==== EXERCISE MATERIAL ====
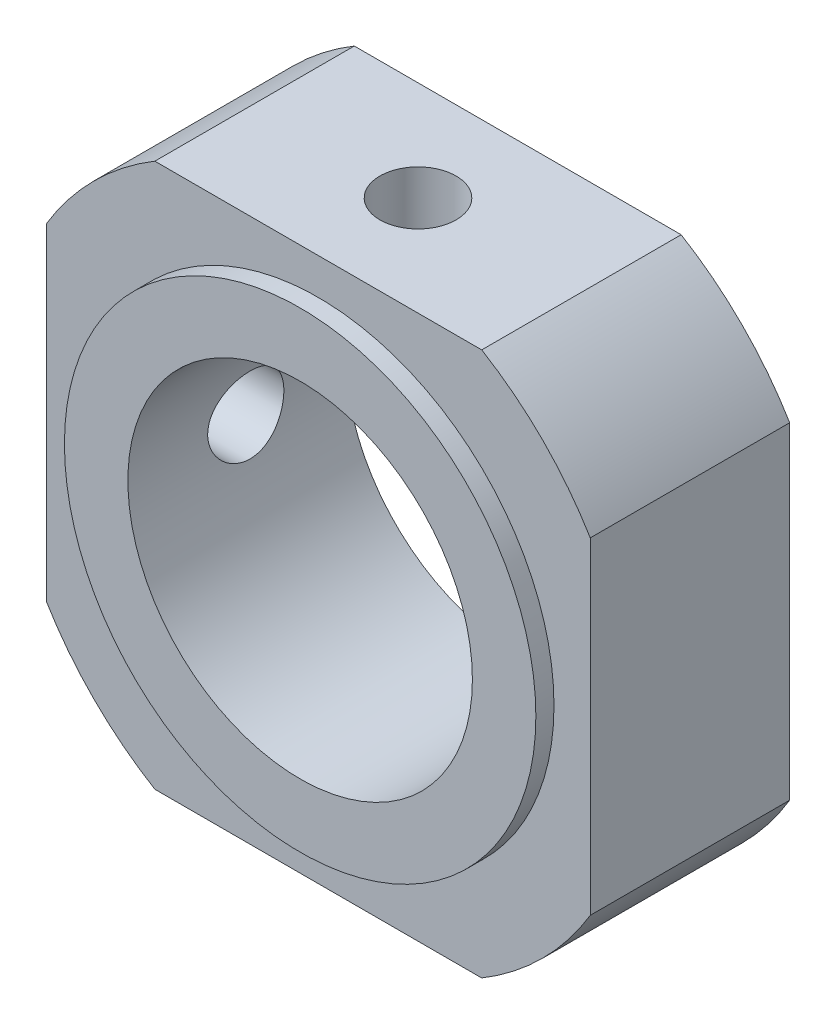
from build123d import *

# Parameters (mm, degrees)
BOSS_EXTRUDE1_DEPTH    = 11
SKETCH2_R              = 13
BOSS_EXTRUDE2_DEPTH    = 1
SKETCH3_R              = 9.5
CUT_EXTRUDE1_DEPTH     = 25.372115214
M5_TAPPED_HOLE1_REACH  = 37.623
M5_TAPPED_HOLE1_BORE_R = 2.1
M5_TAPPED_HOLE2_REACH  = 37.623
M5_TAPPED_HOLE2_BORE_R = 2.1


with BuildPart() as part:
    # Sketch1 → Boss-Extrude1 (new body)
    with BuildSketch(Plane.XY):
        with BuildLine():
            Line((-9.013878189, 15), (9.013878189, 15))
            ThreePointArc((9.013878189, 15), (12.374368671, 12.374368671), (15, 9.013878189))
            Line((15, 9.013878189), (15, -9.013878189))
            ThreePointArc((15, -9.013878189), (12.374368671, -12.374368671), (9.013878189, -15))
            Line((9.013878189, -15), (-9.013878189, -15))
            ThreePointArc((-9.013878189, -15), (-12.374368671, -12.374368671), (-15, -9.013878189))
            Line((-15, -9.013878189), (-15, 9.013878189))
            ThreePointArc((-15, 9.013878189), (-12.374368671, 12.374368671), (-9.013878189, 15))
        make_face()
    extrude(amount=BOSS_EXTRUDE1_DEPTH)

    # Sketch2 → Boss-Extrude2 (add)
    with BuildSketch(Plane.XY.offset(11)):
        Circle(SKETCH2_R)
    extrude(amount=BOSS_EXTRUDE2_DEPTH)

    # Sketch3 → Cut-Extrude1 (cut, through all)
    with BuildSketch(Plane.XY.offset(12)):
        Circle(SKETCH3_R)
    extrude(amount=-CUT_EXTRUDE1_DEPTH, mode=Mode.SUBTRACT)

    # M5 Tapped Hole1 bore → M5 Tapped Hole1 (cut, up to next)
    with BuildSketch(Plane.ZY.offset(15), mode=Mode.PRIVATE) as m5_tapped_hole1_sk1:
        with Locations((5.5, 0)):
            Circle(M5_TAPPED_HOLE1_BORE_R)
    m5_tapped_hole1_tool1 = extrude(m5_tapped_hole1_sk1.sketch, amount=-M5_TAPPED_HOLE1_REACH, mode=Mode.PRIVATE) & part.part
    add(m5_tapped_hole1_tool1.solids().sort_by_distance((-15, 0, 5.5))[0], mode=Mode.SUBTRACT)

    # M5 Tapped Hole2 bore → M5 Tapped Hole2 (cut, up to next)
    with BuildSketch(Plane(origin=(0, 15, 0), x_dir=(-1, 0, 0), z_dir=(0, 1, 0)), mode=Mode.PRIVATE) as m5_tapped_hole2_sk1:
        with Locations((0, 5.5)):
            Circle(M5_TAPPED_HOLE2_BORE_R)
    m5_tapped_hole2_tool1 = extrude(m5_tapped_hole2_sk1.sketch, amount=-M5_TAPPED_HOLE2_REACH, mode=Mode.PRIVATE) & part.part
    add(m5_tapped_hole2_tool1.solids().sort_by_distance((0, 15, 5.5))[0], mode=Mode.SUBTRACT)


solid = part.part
====
### EXERCISE DIRECTIONS
Lines in the data that include the word "BuildSketch" should all be copied.

### EXERCISE SOLUTION
    with BuildSketch(Plane.XY):
    with BuildSketch(Plane.XY.offset(11)):
    with BuildSketch(Plane.XY.offset(12)):
    with BuildSketch(Plane.ZY.offset(15), mode=Mode.PRIVATE) as m5_tapped_hole1_sk1:
    with BuildSketch(Plane(origin=(0, 15, 0), x_dir=(-1, 0, 0), z_dir=(0, 1, 0)), mode=Mode.PRIVATE) as m5_tapped_hole2_sk1:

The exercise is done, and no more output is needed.